◆ **Action item**:
All lines with the word "project" in the material below are required.

◆ **Supplied records**:

::::::

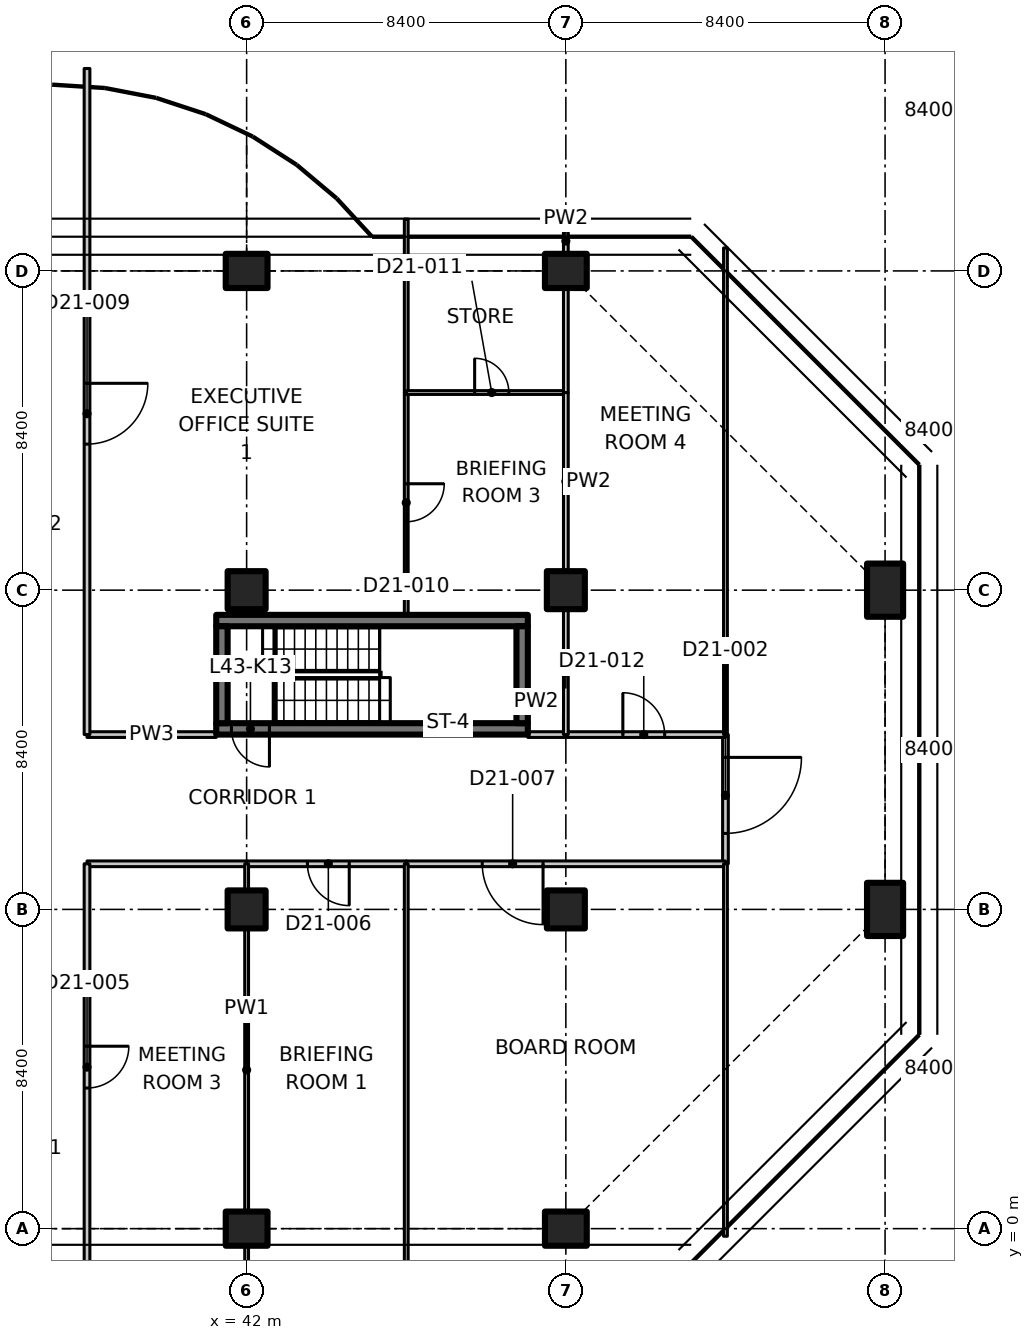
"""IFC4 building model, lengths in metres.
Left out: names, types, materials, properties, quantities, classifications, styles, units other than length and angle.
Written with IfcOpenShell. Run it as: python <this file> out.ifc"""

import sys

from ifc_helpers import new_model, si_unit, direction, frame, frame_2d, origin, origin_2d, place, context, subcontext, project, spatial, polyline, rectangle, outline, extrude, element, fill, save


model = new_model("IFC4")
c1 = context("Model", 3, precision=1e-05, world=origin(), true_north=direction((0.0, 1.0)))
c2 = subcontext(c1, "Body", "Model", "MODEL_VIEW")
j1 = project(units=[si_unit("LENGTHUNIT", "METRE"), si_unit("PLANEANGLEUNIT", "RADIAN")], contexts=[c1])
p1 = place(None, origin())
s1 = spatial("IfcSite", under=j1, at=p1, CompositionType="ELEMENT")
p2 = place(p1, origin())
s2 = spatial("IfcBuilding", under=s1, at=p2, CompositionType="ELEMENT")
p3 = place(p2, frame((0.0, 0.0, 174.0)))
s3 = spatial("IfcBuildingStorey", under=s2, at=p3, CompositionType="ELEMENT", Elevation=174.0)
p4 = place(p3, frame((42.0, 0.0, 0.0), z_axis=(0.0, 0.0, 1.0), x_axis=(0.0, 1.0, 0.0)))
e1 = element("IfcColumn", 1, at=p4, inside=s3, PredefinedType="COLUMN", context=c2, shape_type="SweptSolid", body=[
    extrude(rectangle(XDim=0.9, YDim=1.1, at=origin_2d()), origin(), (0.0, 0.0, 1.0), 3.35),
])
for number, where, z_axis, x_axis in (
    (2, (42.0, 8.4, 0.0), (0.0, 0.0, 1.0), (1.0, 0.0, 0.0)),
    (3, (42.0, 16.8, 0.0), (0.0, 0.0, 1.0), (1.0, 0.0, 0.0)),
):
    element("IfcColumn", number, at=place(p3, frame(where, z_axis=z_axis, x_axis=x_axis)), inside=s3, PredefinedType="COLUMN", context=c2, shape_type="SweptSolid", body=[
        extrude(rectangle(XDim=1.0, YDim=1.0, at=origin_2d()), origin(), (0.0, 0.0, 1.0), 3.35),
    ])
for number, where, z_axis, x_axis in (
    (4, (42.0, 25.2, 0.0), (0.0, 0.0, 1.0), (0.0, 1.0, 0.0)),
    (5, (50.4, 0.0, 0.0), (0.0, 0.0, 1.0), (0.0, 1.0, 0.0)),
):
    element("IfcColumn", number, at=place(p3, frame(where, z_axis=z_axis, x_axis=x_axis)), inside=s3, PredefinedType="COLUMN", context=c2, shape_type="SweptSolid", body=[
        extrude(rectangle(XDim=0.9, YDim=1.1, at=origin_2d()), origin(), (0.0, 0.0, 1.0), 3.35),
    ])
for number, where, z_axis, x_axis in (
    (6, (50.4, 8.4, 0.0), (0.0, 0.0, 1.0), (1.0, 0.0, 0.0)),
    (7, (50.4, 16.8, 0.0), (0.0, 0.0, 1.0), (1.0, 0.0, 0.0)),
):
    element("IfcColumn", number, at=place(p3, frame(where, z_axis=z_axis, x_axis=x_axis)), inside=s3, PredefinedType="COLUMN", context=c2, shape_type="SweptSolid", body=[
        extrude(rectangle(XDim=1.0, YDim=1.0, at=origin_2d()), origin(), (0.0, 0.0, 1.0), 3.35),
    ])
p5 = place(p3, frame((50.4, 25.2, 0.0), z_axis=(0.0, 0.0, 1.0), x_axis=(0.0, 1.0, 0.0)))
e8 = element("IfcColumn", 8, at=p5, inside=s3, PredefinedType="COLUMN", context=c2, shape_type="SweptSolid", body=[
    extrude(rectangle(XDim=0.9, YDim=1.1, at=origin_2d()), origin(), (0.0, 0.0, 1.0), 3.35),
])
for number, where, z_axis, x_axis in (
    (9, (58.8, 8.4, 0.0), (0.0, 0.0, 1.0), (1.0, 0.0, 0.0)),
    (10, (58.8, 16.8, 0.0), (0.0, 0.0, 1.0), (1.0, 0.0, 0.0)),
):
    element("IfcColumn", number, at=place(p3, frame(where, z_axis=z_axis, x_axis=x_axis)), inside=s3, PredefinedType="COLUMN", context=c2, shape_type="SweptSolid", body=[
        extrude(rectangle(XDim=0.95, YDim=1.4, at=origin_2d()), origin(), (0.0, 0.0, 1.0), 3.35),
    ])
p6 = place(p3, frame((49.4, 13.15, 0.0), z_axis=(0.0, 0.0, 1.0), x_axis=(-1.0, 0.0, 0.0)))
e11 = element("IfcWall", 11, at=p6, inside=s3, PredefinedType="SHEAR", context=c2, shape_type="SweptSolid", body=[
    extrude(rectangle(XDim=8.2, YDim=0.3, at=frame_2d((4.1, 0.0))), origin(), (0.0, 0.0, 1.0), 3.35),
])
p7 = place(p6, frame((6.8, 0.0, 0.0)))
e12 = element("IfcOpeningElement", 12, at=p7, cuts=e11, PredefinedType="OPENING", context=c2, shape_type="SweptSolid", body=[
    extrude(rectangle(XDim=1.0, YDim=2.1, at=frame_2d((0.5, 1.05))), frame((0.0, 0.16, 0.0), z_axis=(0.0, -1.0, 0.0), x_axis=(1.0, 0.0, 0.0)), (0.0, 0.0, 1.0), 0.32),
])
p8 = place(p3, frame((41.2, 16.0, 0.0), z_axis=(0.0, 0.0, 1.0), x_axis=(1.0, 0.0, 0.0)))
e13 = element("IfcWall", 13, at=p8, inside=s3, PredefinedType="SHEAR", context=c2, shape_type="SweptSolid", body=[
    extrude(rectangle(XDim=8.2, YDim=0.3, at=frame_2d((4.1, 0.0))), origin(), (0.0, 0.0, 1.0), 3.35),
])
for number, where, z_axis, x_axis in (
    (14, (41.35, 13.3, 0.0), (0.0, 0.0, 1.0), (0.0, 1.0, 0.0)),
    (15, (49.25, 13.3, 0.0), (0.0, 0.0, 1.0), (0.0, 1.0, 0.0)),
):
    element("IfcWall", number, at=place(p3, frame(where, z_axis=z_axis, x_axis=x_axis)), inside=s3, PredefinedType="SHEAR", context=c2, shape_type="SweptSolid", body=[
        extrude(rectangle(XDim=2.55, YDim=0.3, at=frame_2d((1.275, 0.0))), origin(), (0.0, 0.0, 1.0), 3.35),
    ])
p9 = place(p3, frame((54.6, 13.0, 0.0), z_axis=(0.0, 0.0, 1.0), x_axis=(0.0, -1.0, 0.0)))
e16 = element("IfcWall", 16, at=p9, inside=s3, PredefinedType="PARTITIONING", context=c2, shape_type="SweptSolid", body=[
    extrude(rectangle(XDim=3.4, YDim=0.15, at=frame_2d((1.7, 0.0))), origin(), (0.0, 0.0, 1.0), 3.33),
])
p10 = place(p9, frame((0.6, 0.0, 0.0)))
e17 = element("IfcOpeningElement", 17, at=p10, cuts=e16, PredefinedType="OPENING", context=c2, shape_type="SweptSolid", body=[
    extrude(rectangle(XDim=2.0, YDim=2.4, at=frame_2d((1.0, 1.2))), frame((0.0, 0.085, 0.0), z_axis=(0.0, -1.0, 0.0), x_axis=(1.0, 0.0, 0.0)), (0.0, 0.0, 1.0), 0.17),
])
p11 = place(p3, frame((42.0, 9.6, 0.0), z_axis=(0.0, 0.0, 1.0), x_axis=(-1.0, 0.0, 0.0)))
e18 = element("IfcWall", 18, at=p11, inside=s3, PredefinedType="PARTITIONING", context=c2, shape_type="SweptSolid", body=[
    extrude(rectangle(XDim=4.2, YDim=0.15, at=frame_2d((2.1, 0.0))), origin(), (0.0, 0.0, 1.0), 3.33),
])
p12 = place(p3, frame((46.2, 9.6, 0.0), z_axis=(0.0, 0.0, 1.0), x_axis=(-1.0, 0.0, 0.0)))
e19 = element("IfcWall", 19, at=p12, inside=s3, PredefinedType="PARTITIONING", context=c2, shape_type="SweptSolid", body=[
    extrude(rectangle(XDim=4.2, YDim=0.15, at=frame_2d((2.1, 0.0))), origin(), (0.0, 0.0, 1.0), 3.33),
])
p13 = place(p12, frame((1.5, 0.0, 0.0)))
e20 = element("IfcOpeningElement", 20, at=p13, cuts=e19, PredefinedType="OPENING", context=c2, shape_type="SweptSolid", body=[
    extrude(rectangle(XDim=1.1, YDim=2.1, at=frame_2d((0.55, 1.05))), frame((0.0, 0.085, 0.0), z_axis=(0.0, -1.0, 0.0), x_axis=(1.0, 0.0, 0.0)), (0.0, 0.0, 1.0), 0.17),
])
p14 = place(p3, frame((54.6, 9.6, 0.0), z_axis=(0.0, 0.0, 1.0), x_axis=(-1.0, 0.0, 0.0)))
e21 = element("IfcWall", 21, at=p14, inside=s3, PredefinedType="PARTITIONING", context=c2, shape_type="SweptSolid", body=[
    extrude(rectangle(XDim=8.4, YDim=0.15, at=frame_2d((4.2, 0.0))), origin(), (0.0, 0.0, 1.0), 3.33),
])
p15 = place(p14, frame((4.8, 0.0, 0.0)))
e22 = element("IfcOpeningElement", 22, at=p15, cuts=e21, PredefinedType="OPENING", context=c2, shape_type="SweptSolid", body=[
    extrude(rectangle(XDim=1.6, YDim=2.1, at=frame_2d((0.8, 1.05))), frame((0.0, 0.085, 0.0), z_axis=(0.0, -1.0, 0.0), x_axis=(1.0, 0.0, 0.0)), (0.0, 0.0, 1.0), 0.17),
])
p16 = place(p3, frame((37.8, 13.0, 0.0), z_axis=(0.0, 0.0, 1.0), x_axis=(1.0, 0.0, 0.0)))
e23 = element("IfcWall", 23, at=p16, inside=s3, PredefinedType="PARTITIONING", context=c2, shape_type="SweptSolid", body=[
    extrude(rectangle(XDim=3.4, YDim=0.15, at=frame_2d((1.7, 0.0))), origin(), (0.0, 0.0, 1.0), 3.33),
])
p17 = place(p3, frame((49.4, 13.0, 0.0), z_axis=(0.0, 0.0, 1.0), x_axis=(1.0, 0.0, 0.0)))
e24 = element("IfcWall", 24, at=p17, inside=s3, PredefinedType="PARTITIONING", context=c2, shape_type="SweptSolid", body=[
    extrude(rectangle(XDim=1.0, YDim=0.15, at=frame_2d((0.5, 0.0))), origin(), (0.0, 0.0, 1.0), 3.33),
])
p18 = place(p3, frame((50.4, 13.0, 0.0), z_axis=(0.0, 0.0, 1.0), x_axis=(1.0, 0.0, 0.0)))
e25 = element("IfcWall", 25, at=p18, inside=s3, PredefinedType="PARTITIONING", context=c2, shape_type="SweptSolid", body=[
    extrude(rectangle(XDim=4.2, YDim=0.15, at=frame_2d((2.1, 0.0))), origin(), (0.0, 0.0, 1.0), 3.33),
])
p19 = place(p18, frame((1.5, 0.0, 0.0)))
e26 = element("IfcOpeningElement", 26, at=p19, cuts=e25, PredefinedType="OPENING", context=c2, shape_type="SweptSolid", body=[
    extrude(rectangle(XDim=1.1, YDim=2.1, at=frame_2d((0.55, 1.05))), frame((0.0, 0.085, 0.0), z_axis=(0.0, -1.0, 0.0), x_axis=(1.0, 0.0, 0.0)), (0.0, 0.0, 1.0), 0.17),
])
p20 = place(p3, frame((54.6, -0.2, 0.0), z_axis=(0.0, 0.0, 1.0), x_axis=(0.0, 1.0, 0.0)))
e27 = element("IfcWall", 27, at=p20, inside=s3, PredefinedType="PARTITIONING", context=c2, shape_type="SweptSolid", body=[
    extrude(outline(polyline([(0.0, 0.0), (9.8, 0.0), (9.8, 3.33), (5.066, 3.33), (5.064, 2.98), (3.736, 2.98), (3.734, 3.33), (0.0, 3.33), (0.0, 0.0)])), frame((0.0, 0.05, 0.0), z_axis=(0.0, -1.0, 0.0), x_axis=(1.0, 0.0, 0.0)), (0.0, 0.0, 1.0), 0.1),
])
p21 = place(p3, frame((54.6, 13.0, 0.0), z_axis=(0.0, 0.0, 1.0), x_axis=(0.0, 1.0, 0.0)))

::::::

◆ **Result of the task**:
from ifc_helpers import new_model, si_unit, direction, frame, frame_2d, origin, origin_2d, place, context, subcontext, project, spatial, polyline, rectangle, outline, extrude, element, fill, save
j1 = project(units=[si_unit("LENGTHUNIT", "METRE"), si_unit("PLANEANGLEUNIT", "RADIAN")], contexts=[c1])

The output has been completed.